━━━━━ Task data
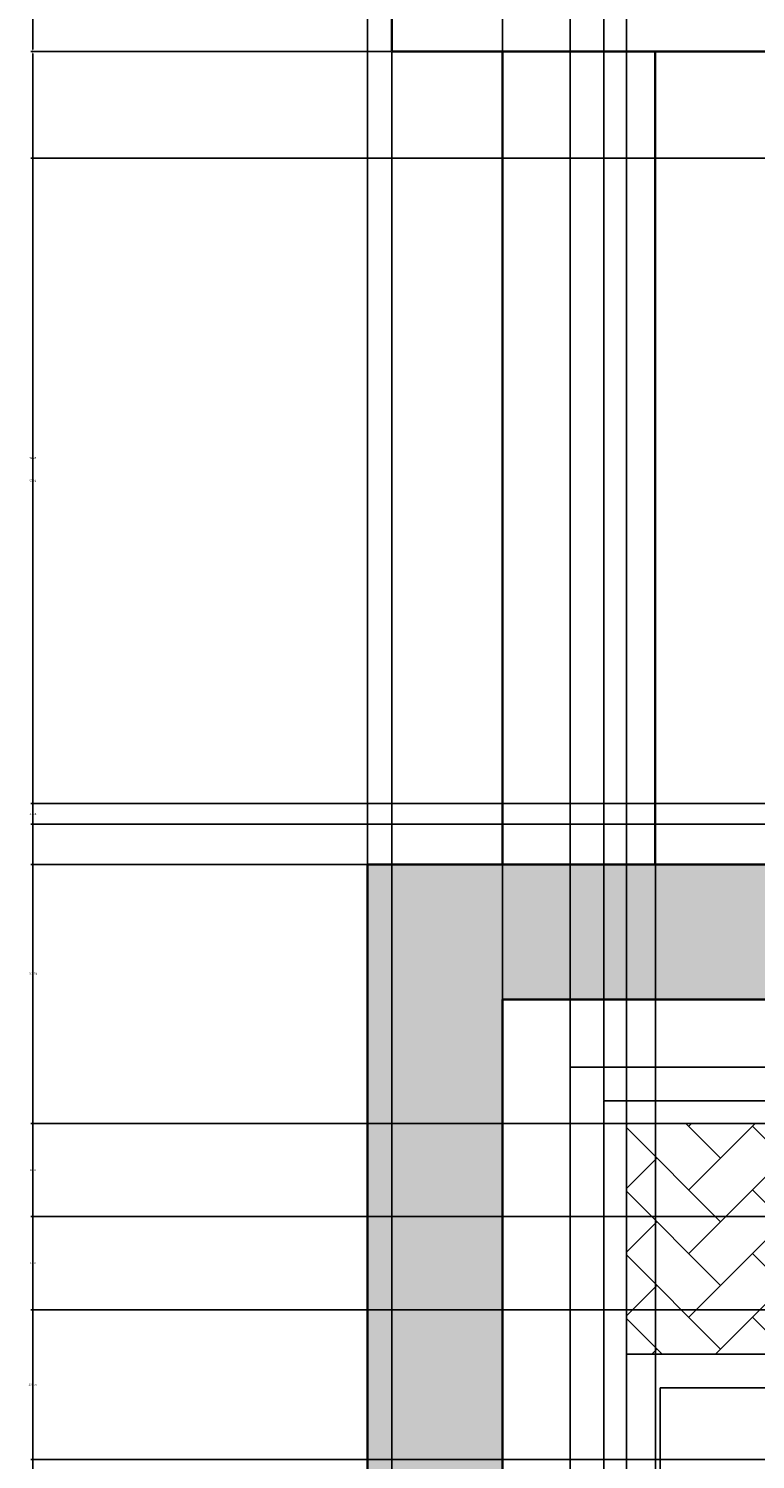
# Model space of a CAD drawing. Units: inches. Extents: x -13 to 630, y -103 to 275.
# Tile 3 of 9: x -13 to 51, y 72 to 199. Entities that reach past the tile are written whole.
import ezdxf

# ---------------------------------------------------------------- set-up
doc = ezdxf.new("R2010")
doc.units = ezdxf.units.IN
doc.header["$MEASUREMENT"] = 0
for name, color, linetype, lineweight in [('A-ANNO-DIMS', 2, 'Continuous', 18), ('A-ELEV', 7, 'Continuous', 35), ('A-ELEV-PATT', 8, 'Continuous', 13), ('A-GLAZ', 4, 'Continuous', 25)]:
    doc.layers.add(name, color=color, linetype=linetype, lineweight=lineweight)
doc.styles.get("Standard").update_dxf_attribs({"font": 'arial.ttf'})
doc.dimstyles.get("Standard").update_dxf_attribs({"dimtxt": 0.18, "dimasz": 0.18, "dimexe": 0.18, "dimexo": 0.0625, "dimgap": 0.09, "dimtad": 0, "dimtih": 1, "dimtoh": 1, "dimdec": 4, "dimzin": 0, "dimdsep": 46, "dimtxsty": 'Standard', "dimcen": 0.09, "dimadec": 0, "dimazin": 0, "dimtfac": 1, "dimtdec": 4, "dimtofl": 0, "dimtmove": 0, "dimatfit": 3, "dimfxl": 1, "dimtolj": 1, "dimtzin": 0, "dimarcsym": 0})

# ---------------------------------------------------------------- blocks, each defined once
blk = doc.blocks.new('WIN-GROUND')
for points in [[(0, 0), (0, 102), (108, 102), (108, 0)], [(3, 0), (3, 99), (105, 99), (105, 0)], [(5, 0), (5, 97), (103, 97), (103, 0)], [(34.74, 56.82), (34.74, 73.49), (37, 73.49), (37, 56.82)], [(73.43, 56.82), (73.43, 73.49), (75.7, 73.49), (75.7, 56.82)], [(34.74, 55.51), (8, 55.51), (8, 56.82), (34.74, 56.82)], [(37, 56.82), (73.43, 56.82)], [(75.7, 56.82), (100, 56.82), (100, 55.51), (75.7, 55.51)], [(34.74, 21.58), (34.74, 55.51)], [(37, 55.51), (37, 21.58)], [(73.43, 55.51), (37, 55.51)], [(73.43, 21.58), (73.43, 55.51)], [(75.7, 55.51), (75.7, 21.58)], [(34.74, 20.27), (8, 20.27), (8, 21.58), (34.74, 21.58)], [(37, 21.58), (73.43, 21.58)], [(75.7, 21.58), (100, 21.58), (100, 20.27), (75.7, 20.27)], [(37, 20.27), (37, 3), (34.74, 3), (34.74, 20.27)], [(73.43, 20.27), (37, 20.27)], [(75.7, 20.27), (75.7, 3), (73.43, 3), (73.43, 20.27)]]:
    blk.add_lwpolyline(points)
for points in [[(5, 97), (103, 97), (103, 76.49), (5, 76.49)], [(5, 76.49), (103, 76.49), (103, 0), (5, 0)], [(8, 73.49), (100, 73.49), (100, 3), (8, 3)]]:
    blk.add_lwpolyline(points, close=True)
blk = doc.blocks.new('*D7')
at = {"layer": 'A-ANNO-DIMS', "color": 0, "lineweight": -2, "transparency": 16777216}
for p, q in [((16.71, 5.14), (16.71, 275.01)), ((16.89, 274.83), (25.5, 274.83)), ((34.53, 274.83), (25.92, 274.83)), ((34.71, 5.14), (34.71, 275.01))]:
    blk.add_line(p, q, dxfattribs=at)
at = {"layer": 'A-ANNO-DIMS', "color": 0, "transparency": 16777216}
for points in [[(16.89, 274.86), (16.89, 274.8), (16.71, 274.83)], [(34.53, 274.86), (34.53, 274.8), (34.71, 274.83)]]:
    blk.add_solid(points, dxfattribs=at)
at = {"layer": 'Defpoints', "color": 0, "transparency": 16777216}
for p in [(34.71, 274.83), (16.71, 5.08), (34.71, 5.08)]:
    blk.add_point(p, dxfattribs=at)
at = {"layer": 'A-ANNO-DIMS', "color": 0, "transparency": 16777216, "insert": (25.71, 274.83), "char_height": 0.18, "attachment_point": 5}
blk.add_mtext('\\A1;18', dxfattribs=at)
blk = doc.blocks.new('*D12')
at = {"layer": 'A-ANNO-DIMS', "color": 0, "lineweight": -2, "transparency": 16777216}
for p, q in [((16.65, 125.08), (-13.22, 125.08)), ((-13.04, 124.9), (-13.04, 65.26)), ((-13.04, 5.26), (-13.04, 64.9)), ((16.65, 5.08), (-13.22, 5.08))]:
    blk.add_line(p, q, dxfattribs=at)
at = {"layer": 'A-ANNO-DIMS', "color": 0, "transparency": 16777216}
for points in [[(-13.07, 124.9), (-13.01, 124.9), (-13.04, 125.08)], [(-13.07, 5.26), (-13.01, 5.26), (-13.04, 5.08)]]:
    blk.add_solid(points, dxfattribs=at)
at = {"layer": 'Defpoints', "color": 0, "transparency": 16777216}
for p in [(-13.04, 125.08), (16.71, 125.08), (16.71, 5.08)]:
    blk.add_point(p, dxfattribs=at)
at = {"layer": 'A-ANNO-DIMS', "color": 0, "transparency": 16777216, "insert": (-13.04, 65.08), "char_height": 0.18, "attachment_point": 5}
blk.add_mtext('\\A1;120', dxfattribs=at)
blk = doc.blocks.new('*D41')
at = {"layer": 'A-ANNO-DIMS', "color": 0, "lineweight": -2, "transparency": 16777216}
for p, q in [((205.96, 72.22), (-13.22, 72.22)), ((-13.04, 72.04), (-13.04, 71.07)), ((-13.04, 69.73), (-13.04, 70.7)), ((205.96, 69.55), (-13.22, 69.55))]:
    blk.add_line(p, q, dxfattribs=at)
at = {"layer": 'A-ANNO-DIMS', "color": 0, "transparency": 16777216}
for points in [[(-13.07, 72.04), (-13.01, 72.04), (-13.04, 72.22)], [(-13.07, 69.73), (-13.01, 69.73), (-13.04, 69.55)]]:
    blk.add_solid(points, dxfattribs=at)
at = {"layer": 'Defpoints', "color": 0, "transparency": 16777216}
for p in [(-13.04, 72.22), (206.02, 72.22), (206.02, 69.55)]:
    blk.add_point(p, dxfattribs=at)
at = {"layer": 'A-ANNO-DIMS', "color": 0, "transparency": 16777216, "insert": (-13.04, 70.88), "char_height": 0.18, "attachment_point": 5}
blk.add_mtext('\\A1;2.68', dxfattribs=at)
blk = doc.blocks.new('*D42')
at = {"layer": 'A-ANNO-DIMS', "color": 0, "lineweight": -2, "transparency": 16777216}
for p, q in [((205.96, 85.52), (-13.22, 85.52)), ((-13.04, 85.34), (-13.04, 79.05)), ((-13.04, 72.4), (-13.04, 78.69)), ((205.96, 72.22), (-13.22, 72.22))]:
    blk.add_line(p, q, dxfattribs=at)
at = {"layer": 'A-ANNO-DIMS', "color": 0, "transparency": 16777216}
for points in [[(-13.07, 85.34), (-13.01, 85.34), (-13.04, 85.52)], [(-13.07, 72.4), (-13.01, 72.4), (-13.04, 72.22)]]:
    blk.add_solid(points, dxfattribs=at)
at = {"layer": 'Defpoints', "color": 0, "transparency": 16777216}
for p in [(-13.04, 85.52), (206.02, 85.52), (206.02, 72.22)]:
    blk.add_point(p, dxfattribs=at)
at = {"layer": 'A-ANNO-DIMS', "color": 0, "transparency": 16777216, "insert": (-13.04, 78.87), "char_height": 0.18, "attachment_point": 5}
blk.add_mtext('\\A1;13.297', dxfattribs=at)
blk = doc.blocks.new('*D43')
at = {"layer": 'A-ANNO-DIMS', "color": 0, "lineweight": -2, "transparency": 16777216}
for p, q in [((205.96, 93.8), (-13.22, 93.8)), ((-13.04, 93.62), (-13.04, 89.84)), ((-13.04, 85.7), (-13.04, 89.48)), ((205.96, 85.52), (-13.22, 85.52))]:
    blk.add_line(p, q, dxfattribs=at)
at = {"layer": 'A-ANNO-DIMS', "color": 0, "transparency": 16777216}
for points in [[(-13.07, 93.62), (-13.01, 93.62), (-13.04, 93.8)], [(-13.07, 85.7), (-13.01, 85.7), (-13.04, 85.52)]]:
    blk.add_solid(points, dxfattribs=at)
at = {"layer": 'Defpoints', "color": 0, "transparency": 16777216}
for p in [(-13.04, 93.8), (206.02, 93.8), (206.02, 85.52)]:
    blk.add_point(p, dxfattribs=at)
at = {"layer": 'A-ANNO-DIMS', "color": 0, "transparency": 16777216, "insert": (-13.04, 89.66), "char_height": 0.18, "attachment_point": 5}
blk.add_mtext('\\A1;8.28', dxfattribs=at)
blk = doc.blocks.new('*D44')
at = {"layer": 'A-ANNO-DIMS', "color": 0, "lineweight": -2, "transparency": 16777216}
for p, q in [((205.96, 102.08), (-13.22, 102.08)), ((-13.04, 101.9), (-13.04, 98.12)), ((-13.04, 93.98), (-13.04, 97.76)), ((205.96, 93.8), (-13.22, 93.8))]:
    blk.add_line(p, q, dxfattribs=at)
at = {"layer": 'A-ANNO-DIMS', "color": 0, "transparency": 16777216}
for points in [[(-13.07, 101.9), (-13.01, 101.9), (-13.04, 102.08)], [(-13.07, 93.98), (-13.01, 93.98), (-13.04, 93.8)]]:
    blk.add_solid(points, dxfattribs=at)
at = {"layer": 'Defpoints', "color": 0, "transparency": 16777216}
for p in [(-13.04, 102.08), (206.02, 102.08), (206.02, 93.8)]:
    blk.add_point(p, dxfattribs=at)
at = {"layer": 'A-ANNO-DIMS', "color": 0, "transparency": 16777216, "insert": (-13.04, 97.94), "char_height": 0.18, "attachment_point": 5}
blk.add_mtext('\\A1;8.28', dxfattribs=at)
blk = doc.blocks.new('*D45')
at = {"layer": 'A-ANNO-DIMS', "color": 0, "lineweight": -2, "transparency": 16777216}
for p, q in [((205.96, 128.66), (-13.22, 128.66)), ((-13.04, 128.48), (-13.04, 115.55)), ((-13.04, 102.26), (-13.04, 115.19)), ((205.96, 102.08), (-13.22, 102.08))]:
    blk.add_line(p, q, dxfattribs=at)
at = {"layer": 'A-ANNO-DIMS', "color": 0, "transparency": 16777216}
for points in [[(-13.07, 128.48), (-13.01, 128.48), (-13.04, 128.66)], [(-13.07, 102.26), (-13.01, 102.26), (-13.04, 102.08)]]:
    blk.add_solid(points, dxfattribs=at)
at = {"layer": 'Defpoints', "color": 0, "transparency": 16777216}
for p in [(-13.04, 128.66), (206.02, 128.66), (206.02, 102.08)]:
    blk.add_point(p, dxfattribs=at)
at = {"layer": 'A-ANNO-DIMS', "color": 0, "transparency": 16777216, "insert": (-13.04, 115.37), "char_height": 0.18, "attachment_point": 5}
blk.add_mtext('\\A1;26.574', dxfattribs=at)
blk = doc.blocks.new('*D46')
at = {"layer": 'A-ANNO-DIMS', "color": 0, "lineweight": -2, "transparency": 16777216}
for p, q in [((205.96, 130.51), (-13.22, 130.51)), ((-13.04, 130.33), (-13.04, 129.76)), ((205.96, 128.66), (-13.22, 128.66)), ((-13.04, 128.84), (-13.04, 129.4))]:
    blk.add_line(p, q, dxfattribs=at)
at = {"layer": 'A-ANNO-DIMS', "color": 0, "transparency": 16777216}
for points in [[(-13.07, 130.33), (-13.01, 130.33), (-13.04, 130.51)], [(-13.07, 128.84), (-13.01, 128.84), (-13.04, 128.66)]]:
    blk.add_solid(points, dxfattribs=at)
at = {"layer": 'Defpoints', "color": 0, "transparency": 16777216}
for p in [(-13.04, 130.51), (206.02, 130.51), (206.02, 128.66)]:
    blk.add_point(p, dxfattribs=at)
at = {"layer": 'A-ANNO-DIMS', "color": 0, "transparency": 16777216, "insert": (-13.04, 129.58), "char_height": 0.18, "attachment_point": 5}
blk.add_mtext('\\A1;1.854', dxfattribs=at)
blk = doc.blocks.new('*D47')
at = {"layer": 'A-ANNO-DIMS', "color": 0, "lineweight": -2, "transparency": 16777216}
for p, q in [((252.21, 187.83), (-13.22, 187.83)), ((-13.04, 187.65), (-13.04, 159.35)), ((-13.04, 130.69), (-13.04, 158.99)), ((205.96, 130.51), (-13.22, 130.51))]:
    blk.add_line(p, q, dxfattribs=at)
━━━━━━━━━━
→ The task: Could you print exactly the lines from the one containing "blk.add_mtext('\\A1;26.574', dxfattribs=at)" through the last line of the records above?

→ Output of the exercise:
blk.add_mtext('\\A1;26.574', dxfattribs=at)
blk = doc.blocks.new('*D46')
at = {"layer": 'A-ANNO-DIMS', "color": 0, "lineweight": -2, "transparency": 16777216}
for p, q in [((205.96, 130.51), (-13.22, 130.51)), ((-13.04, 130.33), (-13.04, 129.76)), ((205.96, 128.66), (-13.22, 128.66)), ((-13.04, 128.84), (-13.04, 129.4))]:
    blk.add_line(p, q, dxfattribs=at)
at = {"layer": 'A-ANNO-DIMS', "color": 0, "transparency": 16777216}
for points in [[(-13.07, 130.33), (-13.01, 130.33), (-13.04, 130.51)], [(-13.07, 128.84), (-13.01, 128.84), (-13.04, 128.66)]]:
    blk.add_solid(points, dxfattribs=at)
at = {"layer": 'Defpoints', "color": 0, "transparency": 16777216}
for p in [(-13.04, 130.51), (206.02, 130.51), (206.02, 128.66)]:
    blk.add_point(p, dxfattribs=at)
at = {"layer": 'A-ANNO-DIMS', "color": 0, "transparency": 16777216, "insert": (-13.04, 129.58), "char_height": 0.18, "attachment_point": 5}
blk.add_mtext('\\A1;1.854', dxfattribs=at)
blk = doc.blocks.new('*D47')
at = {"layer": 'A-ANNO-DIMS', "color": 0, "lineweight": -2, "transparency": 16777216}
for p, q in [((252.21, 187.83), (-13.22, 187.83)), ((-13.04, 187.65), (-13.04, 159.35)), ((-13.04, 130.69), (-13.04, 158.99)), ((205.96, 130.51), (-13.22, 130.51))]:
    blk.add_line(p, q, dxfattribs=at)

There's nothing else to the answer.